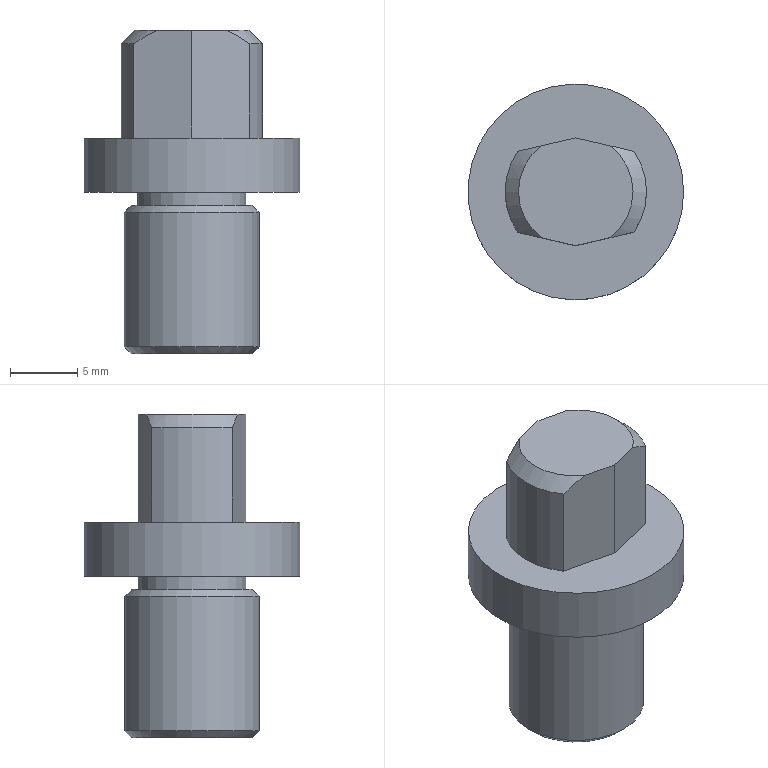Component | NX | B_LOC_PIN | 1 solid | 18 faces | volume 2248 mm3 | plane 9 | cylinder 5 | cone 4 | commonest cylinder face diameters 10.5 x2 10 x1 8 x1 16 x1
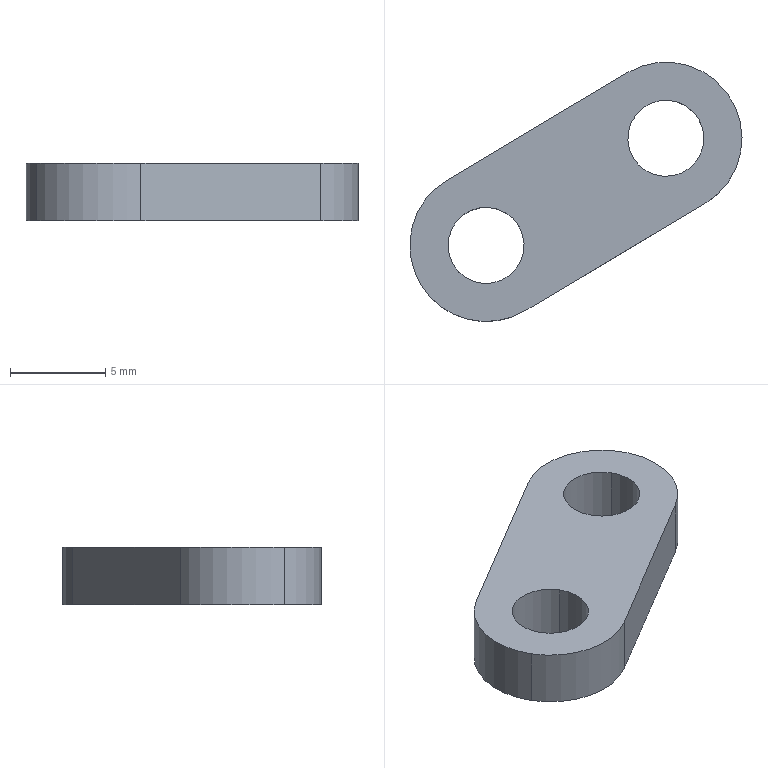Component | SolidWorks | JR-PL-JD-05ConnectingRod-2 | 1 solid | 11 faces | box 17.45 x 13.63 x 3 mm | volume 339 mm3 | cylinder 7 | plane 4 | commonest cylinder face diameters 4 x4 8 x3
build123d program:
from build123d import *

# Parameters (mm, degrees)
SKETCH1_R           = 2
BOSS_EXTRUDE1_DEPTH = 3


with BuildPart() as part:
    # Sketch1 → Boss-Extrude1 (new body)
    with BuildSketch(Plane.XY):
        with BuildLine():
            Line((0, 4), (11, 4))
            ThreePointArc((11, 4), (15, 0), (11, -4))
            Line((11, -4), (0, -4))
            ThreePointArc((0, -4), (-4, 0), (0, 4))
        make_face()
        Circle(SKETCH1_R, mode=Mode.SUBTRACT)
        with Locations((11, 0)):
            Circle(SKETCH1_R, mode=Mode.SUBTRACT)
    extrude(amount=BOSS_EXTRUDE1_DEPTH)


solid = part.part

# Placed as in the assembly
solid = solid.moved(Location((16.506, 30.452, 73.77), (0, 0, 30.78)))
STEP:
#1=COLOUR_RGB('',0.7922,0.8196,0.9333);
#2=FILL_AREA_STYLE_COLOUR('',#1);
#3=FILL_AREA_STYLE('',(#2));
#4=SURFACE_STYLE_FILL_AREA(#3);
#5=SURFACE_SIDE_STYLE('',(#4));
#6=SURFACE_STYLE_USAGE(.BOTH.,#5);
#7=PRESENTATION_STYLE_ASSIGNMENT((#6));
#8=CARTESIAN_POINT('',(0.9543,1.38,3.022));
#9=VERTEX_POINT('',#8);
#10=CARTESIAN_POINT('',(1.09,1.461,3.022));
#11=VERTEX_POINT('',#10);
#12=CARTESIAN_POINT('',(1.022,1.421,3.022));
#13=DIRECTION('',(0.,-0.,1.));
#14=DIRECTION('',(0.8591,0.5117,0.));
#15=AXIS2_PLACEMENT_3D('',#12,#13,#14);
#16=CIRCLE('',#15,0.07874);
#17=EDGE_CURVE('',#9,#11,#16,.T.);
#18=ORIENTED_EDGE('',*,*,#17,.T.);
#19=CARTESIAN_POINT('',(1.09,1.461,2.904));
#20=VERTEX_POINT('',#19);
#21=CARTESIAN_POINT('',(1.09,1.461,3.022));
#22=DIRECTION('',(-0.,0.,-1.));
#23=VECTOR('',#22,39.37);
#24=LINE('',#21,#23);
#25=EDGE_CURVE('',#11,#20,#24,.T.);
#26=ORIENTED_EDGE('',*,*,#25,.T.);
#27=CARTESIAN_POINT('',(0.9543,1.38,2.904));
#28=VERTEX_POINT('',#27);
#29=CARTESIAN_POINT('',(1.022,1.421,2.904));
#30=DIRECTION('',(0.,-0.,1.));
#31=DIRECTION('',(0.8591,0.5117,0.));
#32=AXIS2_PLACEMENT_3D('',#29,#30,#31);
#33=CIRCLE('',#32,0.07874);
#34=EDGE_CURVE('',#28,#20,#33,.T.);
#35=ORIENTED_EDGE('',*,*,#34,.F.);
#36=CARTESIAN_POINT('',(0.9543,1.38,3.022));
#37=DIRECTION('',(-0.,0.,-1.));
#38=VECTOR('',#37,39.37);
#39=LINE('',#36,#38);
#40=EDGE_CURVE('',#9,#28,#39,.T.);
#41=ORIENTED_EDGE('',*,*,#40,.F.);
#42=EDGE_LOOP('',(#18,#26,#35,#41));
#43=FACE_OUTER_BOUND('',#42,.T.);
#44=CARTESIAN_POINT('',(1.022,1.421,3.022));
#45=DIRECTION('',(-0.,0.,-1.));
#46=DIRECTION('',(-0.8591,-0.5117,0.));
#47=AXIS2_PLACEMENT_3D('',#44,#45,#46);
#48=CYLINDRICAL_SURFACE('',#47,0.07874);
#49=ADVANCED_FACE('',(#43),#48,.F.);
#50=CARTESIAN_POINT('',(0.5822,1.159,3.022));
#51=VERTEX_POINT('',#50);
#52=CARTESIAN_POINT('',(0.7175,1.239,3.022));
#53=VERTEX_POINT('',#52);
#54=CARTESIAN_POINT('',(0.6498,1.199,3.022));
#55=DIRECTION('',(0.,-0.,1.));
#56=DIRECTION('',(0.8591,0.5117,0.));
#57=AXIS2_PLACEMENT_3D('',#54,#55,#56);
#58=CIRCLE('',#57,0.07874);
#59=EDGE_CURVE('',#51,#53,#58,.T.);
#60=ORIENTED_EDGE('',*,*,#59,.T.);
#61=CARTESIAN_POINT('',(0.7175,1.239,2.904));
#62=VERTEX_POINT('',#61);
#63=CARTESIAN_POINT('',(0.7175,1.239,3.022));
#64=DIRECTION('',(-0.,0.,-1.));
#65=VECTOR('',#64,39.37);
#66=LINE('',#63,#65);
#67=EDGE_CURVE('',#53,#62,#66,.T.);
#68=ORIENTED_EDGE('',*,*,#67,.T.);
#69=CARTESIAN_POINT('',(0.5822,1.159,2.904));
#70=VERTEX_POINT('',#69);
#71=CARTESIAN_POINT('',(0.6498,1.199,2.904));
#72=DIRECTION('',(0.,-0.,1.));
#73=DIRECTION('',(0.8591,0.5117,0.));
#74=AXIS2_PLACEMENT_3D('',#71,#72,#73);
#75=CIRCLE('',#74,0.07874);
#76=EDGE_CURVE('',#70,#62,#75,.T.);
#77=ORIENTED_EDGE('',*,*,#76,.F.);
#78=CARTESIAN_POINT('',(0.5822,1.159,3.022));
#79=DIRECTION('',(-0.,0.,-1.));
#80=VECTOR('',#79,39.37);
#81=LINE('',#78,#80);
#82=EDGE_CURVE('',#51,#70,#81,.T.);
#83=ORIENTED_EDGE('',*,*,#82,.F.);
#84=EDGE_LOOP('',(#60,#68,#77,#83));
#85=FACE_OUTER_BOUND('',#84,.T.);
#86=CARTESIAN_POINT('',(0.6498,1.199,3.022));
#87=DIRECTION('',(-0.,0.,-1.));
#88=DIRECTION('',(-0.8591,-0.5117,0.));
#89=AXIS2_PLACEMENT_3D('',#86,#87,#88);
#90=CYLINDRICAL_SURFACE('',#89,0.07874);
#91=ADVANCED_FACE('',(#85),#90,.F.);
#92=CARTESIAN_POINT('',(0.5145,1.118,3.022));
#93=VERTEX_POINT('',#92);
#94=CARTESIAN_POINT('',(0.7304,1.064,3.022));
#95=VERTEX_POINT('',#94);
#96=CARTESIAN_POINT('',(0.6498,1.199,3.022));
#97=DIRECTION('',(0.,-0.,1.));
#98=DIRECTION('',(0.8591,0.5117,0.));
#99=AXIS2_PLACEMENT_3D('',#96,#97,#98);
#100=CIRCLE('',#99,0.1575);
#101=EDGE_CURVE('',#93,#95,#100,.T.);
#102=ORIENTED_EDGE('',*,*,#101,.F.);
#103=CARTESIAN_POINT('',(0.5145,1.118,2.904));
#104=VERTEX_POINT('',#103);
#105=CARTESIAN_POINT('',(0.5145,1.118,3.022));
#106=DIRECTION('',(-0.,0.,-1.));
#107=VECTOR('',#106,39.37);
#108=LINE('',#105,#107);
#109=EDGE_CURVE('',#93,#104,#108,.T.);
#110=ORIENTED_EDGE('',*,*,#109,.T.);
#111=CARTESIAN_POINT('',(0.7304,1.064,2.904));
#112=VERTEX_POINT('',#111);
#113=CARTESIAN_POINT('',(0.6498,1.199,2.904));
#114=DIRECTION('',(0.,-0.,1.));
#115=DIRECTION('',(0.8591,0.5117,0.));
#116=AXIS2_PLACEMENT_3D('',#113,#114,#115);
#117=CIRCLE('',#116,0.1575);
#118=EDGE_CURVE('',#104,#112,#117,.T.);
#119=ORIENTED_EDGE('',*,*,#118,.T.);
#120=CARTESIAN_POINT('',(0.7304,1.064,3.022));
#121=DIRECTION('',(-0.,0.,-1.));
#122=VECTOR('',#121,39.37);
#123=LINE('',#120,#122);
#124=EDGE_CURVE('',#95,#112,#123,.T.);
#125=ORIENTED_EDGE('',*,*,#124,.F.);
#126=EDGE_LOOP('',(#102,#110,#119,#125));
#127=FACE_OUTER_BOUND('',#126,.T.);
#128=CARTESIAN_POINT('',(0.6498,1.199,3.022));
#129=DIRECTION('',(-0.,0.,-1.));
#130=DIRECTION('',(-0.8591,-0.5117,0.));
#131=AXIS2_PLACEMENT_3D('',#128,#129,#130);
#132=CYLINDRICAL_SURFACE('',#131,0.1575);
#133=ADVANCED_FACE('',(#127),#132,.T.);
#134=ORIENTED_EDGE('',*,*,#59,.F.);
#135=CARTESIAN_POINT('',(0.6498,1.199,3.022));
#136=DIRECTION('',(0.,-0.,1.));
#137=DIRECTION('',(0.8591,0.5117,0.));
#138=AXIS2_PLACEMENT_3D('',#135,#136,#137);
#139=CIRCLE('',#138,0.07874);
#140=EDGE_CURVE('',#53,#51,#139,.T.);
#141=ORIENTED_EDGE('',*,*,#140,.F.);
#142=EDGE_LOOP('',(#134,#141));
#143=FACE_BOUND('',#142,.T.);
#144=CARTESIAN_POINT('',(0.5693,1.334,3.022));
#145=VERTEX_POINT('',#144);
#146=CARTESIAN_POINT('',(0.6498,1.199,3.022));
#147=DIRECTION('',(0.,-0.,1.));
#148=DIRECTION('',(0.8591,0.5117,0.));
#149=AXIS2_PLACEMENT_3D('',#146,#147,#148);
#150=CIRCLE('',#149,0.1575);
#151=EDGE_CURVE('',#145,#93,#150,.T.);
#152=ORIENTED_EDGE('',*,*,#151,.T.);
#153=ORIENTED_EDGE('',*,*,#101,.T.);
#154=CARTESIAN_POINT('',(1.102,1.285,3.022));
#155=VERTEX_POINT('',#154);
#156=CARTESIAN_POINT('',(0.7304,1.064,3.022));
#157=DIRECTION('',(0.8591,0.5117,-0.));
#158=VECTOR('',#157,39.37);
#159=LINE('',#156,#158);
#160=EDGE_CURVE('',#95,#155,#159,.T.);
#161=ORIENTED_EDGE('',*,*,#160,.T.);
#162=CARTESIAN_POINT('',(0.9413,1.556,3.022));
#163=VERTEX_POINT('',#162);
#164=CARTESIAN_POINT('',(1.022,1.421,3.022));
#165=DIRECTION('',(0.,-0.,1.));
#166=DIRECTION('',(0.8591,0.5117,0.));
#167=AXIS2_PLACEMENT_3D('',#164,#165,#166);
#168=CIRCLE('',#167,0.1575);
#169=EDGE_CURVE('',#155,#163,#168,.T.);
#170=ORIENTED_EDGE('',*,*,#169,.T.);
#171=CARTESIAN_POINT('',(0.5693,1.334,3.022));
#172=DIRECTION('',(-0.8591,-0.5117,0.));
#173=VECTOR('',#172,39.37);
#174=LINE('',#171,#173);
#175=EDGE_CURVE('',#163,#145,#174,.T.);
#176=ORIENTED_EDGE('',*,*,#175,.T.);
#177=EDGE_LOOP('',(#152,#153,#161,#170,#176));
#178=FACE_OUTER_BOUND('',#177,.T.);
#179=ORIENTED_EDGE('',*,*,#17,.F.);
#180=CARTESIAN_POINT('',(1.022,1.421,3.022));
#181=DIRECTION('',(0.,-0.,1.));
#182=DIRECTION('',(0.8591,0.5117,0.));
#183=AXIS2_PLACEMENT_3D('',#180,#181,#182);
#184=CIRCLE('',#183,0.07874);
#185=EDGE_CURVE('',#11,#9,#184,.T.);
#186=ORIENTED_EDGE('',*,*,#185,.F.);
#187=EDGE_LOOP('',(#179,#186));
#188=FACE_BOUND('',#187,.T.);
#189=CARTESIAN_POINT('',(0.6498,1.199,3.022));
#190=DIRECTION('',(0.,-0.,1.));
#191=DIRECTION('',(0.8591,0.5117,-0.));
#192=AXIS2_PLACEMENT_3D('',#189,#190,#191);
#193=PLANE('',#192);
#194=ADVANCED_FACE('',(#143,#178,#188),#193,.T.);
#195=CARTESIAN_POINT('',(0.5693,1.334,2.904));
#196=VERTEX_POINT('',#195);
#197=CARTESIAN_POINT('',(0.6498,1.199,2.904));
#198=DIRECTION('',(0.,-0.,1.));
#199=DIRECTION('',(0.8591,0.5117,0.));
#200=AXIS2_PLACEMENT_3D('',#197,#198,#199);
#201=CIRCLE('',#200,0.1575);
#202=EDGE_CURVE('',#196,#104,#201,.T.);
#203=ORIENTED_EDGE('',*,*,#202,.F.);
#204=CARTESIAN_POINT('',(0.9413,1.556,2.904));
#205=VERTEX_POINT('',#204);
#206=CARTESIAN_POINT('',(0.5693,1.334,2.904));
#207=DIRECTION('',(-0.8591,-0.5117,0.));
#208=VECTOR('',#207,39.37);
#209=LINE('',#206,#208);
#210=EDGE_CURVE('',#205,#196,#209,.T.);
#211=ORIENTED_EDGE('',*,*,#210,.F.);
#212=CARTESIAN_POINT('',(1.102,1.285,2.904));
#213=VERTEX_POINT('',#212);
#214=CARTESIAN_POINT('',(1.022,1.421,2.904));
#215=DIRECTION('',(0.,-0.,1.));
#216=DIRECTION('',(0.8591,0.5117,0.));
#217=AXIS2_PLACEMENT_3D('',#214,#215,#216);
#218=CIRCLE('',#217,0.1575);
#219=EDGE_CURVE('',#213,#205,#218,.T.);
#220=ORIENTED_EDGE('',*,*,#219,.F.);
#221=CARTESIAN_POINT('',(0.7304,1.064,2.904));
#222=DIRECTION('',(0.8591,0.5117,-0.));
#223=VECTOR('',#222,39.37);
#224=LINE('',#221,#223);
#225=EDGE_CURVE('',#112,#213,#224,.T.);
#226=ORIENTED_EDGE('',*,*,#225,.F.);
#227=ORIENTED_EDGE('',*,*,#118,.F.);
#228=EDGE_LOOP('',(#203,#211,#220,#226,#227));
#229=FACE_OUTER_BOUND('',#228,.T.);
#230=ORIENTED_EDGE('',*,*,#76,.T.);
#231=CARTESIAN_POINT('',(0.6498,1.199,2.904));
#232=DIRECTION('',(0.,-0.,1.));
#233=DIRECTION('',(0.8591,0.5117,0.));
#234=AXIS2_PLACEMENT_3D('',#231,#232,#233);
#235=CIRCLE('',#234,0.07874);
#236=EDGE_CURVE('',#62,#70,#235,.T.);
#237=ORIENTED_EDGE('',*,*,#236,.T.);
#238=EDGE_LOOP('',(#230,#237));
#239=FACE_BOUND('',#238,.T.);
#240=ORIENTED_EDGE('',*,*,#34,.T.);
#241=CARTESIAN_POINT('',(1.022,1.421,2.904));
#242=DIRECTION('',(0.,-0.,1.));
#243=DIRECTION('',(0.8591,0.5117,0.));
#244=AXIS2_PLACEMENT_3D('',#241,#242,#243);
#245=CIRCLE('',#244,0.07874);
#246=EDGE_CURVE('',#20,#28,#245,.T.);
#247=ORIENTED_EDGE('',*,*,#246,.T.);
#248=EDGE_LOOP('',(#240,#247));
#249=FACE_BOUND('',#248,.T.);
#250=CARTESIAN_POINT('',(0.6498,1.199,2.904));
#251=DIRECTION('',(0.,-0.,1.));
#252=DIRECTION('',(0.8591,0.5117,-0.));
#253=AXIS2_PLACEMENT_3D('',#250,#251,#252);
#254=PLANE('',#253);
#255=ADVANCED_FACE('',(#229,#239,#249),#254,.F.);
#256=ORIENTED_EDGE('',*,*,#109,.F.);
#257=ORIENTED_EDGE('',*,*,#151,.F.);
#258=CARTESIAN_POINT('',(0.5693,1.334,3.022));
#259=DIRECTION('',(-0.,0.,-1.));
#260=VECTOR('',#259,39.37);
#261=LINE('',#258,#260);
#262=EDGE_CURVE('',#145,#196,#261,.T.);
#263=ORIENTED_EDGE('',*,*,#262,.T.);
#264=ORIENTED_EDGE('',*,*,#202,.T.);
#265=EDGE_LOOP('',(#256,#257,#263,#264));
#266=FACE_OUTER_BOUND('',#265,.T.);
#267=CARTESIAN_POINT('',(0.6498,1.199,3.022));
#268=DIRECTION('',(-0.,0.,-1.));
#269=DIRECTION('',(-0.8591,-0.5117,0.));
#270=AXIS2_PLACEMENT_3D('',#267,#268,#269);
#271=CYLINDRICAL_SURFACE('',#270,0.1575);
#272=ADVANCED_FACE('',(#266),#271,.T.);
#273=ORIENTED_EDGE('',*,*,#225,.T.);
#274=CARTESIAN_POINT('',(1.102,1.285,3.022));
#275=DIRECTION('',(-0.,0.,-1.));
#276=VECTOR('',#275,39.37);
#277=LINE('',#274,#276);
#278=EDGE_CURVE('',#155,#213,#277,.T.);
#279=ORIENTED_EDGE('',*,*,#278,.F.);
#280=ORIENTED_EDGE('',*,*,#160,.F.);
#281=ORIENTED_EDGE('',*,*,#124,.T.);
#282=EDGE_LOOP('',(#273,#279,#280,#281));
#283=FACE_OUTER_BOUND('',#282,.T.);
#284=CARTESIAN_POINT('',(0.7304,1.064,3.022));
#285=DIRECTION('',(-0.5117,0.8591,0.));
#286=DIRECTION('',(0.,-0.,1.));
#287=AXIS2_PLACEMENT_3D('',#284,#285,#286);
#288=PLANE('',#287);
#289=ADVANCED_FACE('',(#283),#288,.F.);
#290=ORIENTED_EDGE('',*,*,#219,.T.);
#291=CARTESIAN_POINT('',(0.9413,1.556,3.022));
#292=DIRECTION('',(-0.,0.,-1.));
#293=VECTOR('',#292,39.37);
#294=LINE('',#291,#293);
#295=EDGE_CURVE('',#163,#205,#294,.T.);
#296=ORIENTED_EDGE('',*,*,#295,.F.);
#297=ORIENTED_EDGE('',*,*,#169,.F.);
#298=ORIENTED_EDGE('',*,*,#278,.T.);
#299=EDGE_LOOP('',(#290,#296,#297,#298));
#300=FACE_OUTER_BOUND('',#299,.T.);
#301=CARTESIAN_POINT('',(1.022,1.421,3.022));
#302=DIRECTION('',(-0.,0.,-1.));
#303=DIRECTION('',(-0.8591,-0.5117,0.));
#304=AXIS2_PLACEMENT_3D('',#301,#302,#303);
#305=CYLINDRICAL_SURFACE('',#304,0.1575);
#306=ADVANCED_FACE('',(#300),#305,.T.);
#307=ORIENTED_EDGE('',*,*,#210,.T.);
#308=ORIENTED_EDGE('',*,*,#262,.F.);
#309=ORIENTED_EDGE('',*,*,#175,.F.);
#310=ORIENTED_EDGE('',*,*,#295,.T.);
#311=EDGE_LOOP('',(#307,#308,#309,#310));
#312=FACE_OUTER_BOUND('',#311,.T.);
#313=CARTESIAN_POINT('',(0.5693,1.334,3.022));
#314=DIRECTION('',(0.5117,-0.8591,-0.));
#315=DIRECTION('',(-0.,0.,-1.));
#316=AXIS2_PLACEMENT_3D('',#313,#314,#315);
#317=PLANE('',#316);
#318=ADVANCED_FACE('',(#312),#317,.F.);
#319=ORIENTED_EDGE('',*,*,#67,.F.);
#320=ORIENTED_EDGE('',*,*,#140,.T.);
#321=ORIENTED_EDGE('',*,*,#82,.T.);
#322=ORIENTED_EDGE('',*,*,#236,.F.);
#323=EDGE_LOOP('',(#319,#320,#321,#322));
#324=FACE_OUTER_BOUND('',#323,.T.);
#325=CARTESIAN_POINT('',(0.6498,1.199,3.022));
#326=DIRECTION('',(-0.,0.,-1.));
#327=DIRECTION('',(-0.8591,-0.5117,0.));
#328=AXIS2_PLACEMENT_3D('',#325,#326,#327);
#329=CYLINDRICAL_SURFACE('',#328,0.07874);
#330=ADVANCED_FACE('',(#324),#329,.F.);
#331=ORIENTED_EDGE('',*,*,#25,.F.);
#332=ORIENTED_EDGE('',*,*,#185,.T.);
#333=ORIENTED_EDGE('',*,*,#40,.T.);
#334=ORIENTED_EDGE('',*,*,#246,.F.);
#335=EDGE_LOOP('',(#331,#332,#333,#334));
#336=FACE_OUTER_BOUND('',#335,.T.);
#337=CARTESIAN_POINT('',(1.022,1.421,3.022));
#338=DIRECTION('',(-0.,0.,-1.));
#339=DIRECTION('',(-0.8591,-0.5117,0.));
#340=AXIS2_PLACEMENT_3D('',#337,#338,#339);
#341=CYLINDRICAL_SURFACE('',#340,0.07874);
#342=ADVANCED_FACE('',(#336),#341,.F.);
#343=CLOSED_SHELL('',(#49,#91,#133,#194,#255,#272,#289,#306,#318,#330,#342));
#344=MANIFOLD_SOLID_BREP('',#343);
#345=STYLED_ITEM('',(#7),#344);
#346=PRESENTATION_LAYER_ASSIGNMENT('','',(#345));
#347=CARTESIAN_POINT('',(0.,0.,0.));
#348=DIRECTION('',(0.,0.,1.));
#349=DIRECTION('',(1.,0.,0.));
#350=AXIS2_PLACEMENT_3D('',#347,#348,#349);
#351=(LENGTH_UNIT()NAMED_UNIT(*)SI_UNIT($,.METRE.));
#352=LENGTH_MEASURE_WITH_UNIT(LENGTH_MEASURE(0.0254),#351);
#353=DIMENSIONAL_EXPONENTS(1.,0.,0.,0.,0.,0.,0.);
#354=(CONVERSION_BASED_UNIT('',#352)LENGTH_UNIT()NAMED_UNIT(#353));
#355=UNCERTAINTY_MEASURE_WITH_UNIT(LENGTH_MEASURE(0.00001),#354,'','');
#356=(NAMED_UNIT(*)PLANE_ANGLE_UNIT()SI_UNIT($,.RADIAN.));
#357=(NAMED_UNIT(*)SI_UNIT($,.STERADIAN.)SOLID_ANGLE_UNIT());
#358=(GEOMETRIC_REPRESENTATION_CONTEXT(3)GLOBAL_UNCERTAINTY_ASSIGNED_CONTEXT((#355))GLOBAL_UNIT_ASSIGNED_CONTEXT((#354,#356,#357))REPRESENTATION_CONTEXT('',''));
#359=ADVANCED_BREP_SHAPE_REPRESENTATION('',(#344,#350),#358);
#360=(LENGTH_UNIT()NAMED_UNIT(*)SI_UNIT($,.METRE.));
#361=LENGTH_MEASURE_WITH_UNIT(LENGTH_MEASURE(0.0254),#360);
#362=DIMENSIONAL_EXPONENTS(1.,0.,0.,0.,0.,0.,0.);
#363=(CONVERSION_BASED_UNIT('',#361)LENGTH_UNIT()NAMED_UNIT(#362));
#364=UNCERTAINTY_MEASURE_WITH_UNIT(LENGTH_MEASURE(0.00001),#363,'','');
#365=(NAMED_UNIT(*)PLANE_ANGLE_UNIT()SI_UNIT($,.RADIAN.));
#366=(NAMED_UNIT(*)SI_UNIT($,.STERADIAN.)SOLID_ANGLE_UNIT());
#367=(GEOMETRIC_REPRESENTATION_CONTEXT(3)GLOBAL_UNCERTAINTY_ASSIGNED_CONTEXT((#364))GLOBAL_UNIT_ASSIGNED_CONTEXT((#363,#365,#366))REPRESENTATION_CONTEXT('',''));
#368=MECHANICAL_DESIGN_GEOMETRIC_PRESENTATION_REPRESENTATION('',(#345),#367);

> [Work task] Your answer should be the lines above, from the line containing "#175=EDGE_CURVE('',#163,#145,#174,.T.);" up to and including the line containing "#195=CARTESIAN_POINT('',(0.5693,1.334,2.904));", reproduced exactly and with nothing else.

> [Task answer]
#175=EDGE_CURVE('',#163,#145,#174,.T.);
#176=ORIENTED_EDGE('',*,*,#175,.T.);
#177=EDGE_LOOP('',(#152,#153,#161,#170,#176));
#178=FACE_OUTER_BOUND('',#177,.T.);
#179=ORIENTED_EDGE('',*,*,#17,.F.);
#180=CARTESIAN_POINT('',(1.022,1.421,3.022));
#181=DIRECTION('',(0.,-0.,1.));
#182=DIRECTION('',(0.8591,0.5117,0.));
#183=AXIS2_PLACEMENT_3D('',#180,#181,#182);
#184=CIRCLE('',#183,0.07874);
#185=EDGE_CURVE('',#11,#9,#184,.T.);
#186=ORIENTED_EDGE('',*,*,#185,.F.);
#187=EDGE_LOOP('',(#179,#186));
#188=FACE_BOUND('',#187,.T.);
#189=CARTESIAN_POINT('',(0.6498,1.199,3.022));
#190=DIRECTION('',(0.,-0.,1.));
#191=DIRECTION('',(0.8591,0.5117,-0.));
#192=AXIS2_PLACEMENT_3D('',#189,#190,#191);
#193=PLANE('',#192);
#194=ADVANCED_FACE('',(#143,#178,#188),#193,.T.);
#195=CARTESIAN_POINT('',(0.5693,1.334,2.904));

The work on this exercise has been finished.